The expected answer is every line of the material that contains the word "IfcWindow".

★ ★ ★ ★ ★

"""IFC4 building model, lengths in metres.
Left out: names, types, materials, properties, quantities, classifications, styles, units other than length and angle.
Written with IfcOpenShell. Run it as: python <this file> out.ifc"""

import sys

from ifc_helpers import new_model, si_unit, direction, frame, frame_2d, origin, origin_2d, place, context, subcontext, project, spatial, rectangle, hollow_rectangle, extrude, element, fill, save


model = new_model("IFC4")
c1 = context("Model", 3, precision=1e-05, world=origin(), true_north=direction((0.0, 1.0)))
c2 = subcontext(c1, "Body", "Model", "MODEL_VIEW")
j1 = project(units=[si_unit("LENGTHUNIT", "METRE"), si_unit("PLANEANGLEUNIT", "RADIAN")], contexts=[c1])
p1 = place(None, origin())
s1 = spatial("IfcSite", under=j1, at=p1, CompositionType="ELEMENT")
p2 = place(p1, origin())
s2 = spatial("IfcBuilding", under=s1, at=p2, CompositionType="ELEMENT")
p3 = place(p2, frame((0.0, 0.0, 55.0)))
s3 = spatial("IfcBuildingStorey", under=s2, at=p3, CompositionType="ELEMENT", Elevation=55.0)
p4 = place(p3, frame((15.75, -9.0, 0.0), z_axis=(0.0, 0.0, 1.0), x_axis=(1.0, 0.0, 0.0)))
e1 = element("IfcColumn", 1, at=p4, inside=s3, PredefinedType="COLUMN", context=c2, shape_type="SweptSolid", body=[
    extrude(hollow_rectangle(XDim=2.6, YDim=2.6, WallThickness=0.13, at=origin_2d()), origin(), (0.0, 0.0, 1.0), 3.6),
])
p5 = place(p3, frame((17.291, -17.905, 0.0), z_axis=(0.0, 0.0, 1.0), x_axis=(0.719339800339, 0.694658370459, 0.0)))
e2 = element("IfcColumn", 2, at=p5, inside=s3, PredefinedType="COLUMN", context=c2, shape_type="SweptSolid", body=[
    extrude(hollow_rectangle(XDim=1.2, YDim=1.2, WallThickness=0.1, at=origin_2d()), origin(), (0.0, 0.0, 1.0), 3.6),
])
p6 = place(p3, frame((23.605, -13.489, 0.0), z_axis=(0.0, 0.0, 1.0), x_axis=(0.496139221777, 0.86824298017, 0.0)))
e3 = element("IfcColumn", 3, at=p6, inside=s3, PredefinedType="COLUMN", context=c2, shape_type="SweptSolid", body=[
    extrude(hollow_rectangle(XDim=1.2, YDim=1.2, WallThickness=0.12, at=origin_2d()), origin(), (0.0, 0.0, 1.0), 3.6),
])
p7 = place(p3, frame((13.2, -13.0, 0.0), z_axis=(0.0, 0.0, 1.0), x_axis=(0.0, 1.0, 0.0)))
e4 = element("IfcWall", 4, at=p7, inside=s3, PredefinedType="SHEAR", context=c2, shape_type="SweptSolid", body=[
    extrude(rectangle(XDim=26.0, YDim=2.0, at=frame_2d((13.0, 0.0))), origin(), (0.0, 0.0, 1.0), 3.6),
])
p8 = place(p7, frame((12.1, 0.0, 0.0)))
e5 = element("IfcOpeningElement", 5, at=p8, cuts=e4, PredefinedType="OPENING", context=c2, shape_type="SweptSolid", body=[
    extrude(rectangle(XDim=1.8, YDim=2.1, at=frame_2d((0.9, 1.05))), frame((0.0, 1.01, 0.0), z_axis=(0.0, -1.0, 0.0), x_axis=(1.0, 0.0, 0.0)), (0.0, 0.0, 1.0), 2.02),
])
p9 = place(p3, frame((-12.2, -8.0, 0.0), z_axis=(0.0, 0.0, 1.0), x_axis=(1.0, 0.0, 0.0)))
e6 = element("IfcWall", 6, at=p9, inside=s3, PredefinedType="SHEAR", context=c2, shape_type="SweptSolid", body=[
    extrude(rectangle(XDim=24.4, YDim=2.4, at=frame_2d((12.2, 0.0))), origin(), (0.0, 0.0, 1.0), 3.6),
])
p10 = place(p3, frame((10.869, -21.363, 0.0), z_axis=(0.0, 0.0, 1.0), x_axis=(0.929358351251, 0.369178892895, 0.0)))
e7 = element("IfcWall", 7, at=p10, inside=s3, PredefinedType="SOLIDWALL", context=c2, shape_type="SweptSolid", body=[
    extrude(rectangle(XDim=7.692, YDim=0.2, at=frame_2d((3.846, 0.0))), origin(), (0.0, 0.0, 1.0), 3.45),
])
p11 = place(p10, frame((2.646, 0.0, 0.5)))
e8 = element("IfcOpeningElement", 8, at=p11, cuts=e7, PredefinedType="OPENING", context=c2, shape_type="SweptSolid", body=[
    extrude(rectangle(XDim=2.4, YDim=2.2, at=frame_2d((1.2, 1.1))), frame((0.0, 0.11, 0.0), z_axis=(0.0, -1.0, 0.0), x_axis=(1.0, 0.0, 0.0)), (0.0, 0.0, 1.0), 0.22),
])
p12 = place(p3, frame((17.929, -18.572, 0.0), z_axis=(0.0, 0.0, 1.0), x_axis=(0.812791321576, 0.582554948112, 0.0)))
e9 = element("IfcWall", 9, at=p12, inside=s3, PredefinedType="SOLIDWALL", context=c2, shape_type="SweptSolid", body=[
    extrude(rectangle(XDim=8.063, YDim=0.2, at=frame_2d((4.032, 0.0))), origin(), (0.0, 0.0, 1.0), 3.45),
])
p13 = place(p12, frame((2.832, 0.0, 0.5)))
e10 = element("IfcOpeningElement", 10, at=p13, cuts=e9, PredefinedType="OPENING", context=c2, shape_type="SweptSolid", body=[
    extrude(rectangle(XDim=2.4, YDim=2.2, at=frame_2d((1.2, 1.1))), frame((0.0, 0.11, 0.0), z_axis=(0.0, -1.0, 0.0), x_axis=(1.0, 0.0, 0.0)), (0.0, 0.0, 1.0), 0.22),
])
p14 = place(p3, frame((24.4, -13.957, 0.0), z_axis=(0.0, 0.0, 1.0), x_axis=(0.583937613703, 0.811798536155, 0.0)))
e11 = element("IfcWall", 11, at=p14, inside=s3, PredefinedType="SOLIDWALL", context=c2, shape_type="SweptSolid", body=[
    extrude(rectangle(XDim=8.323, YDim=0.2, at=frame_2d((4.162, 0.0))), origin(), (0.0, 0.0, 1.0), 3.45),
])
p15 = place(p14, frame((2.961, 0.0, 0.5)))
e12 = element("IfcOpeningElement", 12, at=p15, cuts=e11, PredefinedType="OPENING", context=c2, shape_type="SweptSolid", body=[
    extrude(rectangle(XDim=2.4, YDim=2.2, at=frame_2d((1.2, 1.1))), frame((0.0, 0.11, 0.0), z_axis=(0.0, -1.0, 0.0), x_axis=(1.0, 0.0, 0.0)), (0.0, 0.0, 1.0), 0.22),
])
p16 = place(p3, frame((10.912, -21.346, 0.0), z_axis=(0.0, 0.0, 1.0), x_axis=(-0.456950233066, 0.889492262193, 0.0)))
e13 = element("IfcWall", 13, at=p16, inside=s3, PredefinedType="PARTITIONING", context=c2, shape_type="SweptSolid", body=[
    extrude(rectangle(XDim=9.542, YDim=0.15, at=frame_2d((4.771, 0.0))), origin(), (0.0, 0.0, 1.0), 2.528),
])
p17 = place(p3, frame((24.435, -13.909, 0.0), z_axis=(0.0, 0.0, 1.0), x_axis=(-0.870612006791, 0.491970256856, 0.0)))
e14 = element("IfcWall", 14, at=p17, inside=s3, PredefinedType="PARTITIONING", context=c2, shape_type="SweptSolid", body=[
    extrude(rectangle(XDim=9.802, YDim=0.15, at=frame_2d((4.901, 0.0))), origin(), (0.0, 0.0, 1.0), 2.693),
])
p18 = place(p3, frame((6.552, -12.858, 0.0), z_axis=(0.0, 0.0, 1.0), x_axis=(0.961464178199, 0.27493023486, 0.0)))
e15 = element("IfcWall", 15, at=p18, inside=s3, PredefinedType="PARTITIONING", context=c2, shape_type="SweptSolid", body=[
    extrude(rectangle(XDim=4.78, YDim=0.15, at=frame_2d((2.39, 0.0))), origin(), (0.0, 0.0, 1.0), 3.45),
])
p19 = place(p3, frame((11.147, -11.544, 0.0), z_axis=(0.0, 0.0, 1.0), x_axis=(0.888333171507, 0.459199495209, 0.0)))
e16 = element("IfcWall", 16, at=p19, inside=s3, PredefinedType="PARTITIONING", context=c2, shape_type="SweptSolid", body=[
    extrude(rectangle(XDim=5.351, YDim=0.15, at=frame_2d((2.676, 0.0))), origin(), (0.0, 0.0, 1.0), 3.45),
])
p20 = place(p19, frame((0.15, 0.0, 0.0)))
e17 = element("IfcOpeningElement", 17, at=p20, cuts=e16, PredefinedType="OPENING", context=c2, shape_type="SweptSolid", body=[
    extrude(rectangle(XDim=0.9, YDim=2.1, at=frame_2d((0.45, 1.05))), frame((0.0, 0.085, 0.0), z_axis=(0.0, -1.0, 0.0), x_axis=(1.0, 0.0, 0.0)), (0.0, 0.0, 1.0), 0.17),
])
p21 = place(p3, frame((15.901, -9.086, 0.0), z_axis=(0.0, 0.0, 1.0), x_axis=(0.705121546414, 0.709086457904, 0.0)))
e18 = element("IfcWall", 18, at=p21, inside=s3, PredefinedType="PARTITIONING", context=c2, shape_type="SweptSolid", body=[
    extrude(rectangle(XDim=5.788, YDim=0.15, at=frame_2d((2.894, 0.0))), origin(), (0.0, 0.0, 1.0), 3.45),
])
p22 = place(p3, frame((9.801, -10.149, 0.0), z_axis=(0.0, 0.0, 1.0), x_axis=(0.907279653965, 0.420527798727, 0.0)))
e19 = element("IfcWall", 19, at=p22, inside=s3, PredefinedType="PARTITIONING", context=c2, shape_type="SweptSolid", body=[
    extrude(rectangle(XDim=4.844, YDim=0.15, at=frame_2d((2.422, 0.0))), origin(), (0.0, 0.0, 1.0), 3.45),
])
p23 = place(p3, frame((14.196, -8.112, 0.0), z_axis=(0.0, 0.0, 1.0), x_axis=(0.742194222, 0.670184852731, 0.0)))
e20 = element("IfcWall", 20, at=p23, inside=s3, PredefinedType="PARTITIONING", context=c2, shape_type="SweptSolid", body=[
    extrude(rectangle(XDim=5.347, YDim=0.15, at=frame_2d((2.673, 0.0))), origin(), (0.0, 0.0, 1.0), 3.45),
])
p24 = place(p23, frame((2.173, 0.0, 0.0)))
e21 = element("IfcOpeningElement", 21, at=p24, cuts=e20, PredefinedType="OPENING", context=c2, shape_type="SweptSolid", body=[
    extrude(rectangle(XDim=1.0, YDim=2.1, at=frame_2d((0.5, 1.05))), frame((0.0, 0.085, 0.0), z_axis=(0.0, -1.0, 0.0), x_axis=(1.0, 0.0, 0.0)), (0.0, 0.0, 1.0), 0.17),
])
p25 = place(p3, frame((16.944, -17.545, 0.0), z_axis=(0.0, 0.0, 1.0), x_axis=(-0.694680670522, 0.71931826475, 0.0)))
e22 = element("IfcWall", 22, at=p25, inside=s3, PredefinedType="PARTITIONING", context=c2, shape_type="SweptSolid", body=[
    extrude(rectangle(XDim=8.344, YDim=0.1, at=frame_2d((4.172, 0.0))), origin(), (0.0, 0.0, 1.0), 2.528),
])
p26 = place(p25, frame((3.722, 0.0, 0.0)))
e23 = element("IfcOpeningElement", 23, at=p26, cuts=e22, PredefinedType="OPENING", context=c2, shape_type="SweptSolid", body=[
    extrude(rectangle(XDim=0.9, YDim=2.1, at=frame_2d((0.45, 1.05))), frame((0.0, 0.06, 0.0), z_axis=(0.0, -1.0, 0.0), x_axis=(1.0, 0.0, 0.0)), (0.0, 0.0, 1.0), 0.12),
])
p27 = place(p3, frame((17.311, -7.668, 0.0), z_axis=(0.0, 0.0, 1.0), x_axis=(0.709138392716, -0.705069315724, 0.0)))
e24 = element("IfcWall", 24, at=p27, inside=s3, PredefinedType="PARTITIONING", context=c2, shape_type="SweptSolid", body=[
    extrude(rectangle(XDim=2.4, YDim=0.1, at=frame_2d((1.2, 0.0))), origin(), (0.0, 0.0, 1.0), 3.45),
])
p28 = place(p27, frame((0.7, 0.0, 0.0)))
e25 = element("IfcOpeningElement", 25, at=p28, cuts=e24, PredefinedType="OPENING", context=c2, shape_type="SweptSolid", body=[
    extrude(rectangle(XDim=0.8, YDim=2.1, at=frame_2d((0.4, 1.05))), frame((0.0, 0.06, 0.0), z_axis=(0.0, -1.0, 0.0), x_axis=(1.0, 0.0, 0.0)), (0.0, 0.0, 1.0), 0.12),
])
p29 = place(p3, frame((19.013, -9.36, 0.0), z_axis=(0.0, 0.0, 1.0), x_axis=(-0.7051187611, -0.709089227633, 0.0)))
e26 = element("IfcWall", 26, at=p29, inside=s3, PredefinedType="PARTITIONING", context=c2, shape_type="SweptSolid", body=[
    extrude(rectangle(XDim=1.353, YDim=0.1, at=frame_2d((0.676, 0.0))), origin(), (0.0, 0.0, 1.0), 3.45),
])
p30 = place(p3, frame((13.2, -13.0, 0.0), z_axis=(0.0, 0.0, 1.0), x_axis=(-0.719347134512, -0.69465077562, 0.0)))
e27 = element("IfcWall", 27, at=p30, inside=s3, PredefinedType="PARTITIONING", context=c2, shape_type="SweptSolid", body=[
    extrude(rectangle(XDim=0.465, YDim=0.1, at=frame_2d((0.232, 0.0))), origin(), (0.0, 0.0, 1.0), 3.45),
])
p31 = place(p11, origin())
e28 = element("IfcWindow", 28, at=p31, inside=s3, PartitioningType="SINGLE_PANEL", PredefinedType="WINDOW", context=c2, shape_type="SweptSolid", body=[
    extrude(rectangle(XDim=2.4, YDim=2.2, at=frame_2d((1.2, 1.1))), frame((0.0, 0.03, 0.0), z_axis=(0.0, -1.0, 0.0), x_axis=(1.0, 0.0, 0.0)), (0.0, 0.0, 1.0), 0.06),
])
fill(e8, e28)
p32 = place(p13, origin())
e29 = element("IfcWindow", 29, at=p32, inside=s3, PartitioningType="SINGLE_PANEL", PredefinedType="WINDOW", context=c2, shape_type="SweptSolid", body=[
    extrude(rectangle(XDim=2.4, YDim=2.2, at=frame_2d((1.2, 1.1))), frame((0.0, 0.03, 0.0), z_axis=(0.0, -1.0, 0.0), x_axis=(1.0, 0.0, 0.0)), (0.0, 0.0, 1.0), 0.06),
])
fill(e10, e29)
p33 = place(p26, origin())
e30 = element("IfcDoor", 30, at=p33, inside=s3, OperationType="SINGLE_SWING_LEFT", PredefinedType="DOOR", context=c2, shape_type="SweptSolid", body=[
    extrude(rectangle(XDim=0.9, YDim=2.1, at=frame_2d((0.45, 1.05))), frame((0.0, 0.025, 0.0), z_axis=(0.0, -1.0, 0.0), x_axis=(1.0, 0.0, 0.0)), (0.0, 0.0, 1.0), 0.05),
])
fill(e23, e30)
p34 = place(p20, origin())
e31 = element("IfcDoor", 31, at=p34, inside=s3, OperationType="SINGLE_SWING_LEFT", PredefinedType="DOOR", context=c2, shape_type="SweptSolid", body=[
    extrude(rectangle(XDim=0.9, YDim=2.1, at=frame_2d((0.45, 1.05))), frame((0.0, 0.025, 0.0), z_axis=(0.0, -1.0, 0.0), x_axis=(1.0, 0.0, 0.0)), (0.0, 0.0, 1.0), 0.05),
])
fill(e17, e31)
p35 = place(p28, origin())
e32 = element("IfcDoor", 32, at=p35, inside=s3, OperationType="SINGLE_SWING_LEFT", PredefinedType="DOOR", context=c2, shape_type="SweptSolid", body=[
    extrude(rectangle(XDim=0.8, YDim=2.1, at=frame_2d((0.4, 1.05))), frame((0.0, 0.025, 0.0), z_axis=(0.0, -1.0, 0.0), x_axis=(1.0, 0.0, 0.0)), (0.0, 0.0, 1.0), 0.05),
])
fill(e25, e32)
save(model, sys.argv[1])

★ ★ ★ ★ ★

§ WRITTEN SOLUTION:
e28 = element("IfcWindow", 28, at=p31, inside=s3, PartitioningType="SINGLE_PANEL", PredefinedType="WINDOW", context=c2, shape_type="SweptSolid", body=[
e29 = element("IfcWindow", 29, at=p32, inside=s3, PartitioningType="SINGLE_PANEL", PredefinedType="WINDOW", context=c2, shape_type="SweptSolid", body=[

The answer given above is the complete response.